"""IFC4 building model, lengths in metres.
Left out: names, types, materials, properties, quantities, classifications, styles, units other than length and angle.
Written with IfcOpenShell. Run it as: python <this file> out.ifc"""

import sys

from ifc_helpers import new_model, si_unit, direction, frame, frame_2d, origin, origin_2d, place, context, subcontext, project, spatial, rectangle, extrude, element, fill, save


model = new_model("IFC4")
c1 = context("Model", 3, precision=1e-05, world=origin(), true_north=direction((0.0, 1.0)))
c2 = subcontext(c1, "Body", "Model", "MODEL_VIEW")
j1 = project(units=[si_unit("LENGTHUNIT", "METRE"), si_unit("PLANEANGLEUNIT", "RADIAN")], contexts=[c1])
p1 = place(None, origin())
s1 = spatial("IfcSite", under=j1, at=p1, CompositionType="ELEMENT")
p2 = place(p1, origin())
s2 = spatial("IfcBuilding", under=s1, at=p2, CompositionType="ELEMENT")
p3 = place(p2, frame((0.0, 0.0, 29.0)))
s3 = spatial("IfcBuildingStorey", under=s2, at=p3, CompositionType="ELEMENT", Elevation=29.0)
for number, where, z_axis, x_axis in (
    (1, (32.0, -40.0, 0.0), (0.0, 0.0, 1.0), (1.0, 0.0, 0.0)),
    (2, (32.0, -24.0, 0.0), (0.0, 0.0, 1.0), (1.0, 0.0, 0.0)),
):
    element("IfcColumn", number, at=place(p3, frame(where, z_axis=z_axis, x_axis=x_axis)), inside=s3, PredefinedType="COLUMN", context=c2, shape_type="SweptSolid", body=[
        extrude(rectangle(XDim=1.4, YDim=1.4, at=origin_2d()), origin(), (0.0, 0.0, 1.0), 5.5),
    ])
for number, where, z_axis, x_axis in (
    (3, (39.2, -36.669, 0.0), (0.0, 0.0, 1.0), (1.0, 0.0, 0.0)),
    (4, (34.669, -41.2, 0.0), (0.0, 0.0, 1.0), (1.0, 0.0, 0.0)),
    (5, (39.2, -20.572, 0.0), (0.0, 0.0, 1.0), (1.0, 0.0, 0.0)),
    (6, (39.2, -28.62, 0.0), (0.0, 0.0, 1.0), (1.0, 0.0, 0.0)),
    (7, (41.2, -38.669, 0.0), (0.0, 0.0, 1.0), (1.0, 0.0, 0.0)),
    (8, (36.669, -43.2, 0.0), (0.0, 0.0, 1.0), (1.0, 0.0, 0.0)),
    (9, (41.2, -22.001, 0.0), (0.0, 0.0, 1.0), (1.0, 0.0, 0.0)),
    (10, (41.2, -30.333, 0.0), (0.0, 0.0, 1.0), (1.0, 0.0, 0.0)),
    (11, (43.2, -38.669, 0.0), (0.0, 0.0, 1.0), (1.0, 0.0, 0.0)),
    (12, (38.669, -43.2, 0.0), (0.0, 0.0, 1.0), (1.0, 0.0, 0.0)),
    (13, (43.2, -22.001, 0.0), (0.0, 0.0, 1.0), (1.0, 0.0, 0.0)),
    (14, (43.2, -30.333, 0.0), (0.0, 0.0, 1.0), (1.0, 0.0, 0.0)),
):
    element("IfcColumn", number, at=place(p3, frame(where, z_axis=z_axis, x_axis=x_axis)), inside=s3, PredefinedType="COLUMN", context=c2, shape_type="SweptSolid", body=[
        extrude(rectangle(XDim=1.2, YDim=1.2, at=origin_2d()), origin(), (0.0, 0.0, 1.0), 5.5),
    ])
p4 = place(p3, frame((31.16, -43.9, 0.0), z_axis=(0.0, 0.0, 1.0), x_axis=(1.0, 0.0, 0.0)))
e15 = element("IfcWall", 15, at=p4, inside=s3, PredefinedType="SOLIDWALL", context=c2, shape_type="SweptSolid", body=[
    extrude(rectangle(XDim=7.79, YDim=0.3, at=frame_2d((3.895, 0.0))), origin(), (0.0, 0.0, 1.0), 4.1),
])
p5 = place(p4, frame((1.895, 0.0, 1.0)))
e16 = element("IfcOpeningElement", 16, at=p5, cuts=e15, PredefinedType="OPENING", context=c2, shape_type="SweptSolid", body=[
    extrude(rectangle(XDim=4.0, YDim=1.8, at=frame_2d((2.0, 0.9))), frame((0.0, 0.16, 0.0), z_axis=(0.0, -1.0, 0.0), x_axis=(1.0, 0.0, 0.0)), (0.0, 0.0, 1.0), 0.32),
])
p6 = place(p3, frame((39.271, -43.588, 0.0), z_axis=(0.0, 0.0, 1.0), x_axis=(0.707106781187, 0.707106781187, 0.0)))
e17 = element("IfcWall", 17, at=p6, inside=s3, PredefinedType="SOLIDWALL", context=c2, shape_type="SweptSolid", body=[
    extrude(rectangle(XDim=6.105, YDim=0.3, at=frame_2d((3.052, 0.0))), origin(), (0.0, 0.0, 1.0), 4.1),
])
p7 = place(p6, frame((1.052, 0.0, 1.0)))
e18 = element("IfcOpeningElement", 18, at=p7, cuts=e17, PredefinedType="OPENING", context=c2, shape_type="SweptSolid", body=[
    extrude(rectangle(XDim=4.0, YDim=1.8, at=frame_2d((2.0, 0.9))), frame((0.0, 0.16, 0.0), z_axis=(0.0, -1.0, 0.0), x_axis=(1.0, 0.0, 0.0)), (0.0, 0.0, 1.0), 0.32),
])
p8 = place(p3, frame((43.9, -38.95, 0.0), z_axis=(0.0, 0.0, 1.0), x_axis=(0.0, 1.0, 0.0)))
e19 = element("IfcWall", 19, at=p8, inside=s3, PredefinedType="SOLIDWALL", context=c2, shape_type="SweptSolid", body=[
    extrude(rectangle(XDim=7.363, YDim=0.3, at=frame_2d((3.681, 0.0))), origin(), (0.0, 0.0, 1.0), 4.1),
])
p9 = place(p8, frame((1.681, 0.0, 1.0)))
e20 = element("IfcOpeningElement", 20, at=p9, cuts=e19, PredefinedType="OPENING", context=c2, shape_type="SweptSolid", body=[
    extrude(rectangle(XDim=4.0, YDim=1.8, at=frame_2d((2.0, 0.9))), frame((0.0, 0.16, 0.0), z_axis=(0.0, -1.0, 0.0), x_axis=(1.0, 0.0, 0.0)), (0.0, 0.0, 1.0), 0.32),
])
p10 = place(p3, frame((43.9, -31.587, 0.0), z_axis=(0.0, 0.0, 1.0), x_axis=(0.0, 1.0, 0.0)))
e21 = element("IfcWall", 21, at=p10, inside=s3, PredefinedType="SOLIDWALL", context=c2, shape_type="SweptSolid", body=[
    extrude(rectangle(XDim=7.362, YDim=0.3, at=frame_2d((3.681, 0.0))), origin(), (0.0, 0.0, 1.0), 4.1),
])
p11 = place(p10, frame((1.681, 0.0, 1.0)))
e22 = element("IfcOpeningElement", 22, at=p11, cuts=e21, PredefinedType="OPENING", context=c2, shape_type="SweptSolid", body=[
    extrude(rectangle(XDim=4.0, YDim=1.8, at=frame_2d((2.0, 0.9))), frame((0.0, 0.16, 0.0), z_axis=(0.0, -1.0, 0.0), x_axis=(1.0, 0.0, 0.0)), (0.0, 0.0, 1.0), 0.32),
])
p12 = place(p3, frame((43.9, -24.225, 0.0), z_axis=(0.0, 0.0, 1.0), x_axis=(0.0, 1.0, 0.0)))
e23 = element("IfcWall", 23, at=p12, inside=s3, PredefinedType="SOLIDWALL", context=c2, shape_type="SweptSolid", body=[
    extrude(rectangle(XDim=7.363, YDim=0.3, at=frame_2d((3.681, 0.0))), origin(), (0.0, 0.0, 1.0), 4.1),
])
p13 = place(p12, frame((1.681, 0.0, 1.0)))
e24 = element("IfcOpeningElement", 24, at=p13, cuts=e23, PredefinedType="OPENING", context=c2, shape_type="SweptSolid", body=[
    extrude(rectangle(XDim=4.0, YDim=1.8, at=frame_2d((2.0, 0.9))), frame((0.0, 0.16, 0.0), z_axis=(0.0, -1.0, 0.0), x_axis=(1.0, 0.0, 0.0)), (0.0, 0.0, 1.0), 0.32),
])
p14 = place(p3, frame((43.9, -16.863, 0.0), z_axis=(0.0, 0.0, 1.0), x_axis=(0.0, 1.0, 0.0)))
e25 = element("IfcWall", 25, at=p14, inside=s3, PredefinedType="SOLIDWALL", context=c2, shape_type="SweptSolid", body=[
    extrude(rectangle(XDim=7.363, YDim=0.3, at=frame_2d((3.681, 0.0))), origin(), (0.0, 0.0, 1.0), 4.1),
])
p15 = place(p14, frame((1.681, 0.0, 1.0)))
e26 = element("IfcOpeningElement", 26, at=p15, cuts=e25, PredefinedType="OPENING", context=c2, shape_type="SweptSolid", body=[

^^^^^^^^

*EXERCISE*. Looking only at the lines of the material above, count those containing "direction" and give that number by itself.

*THE ANSWER*. 2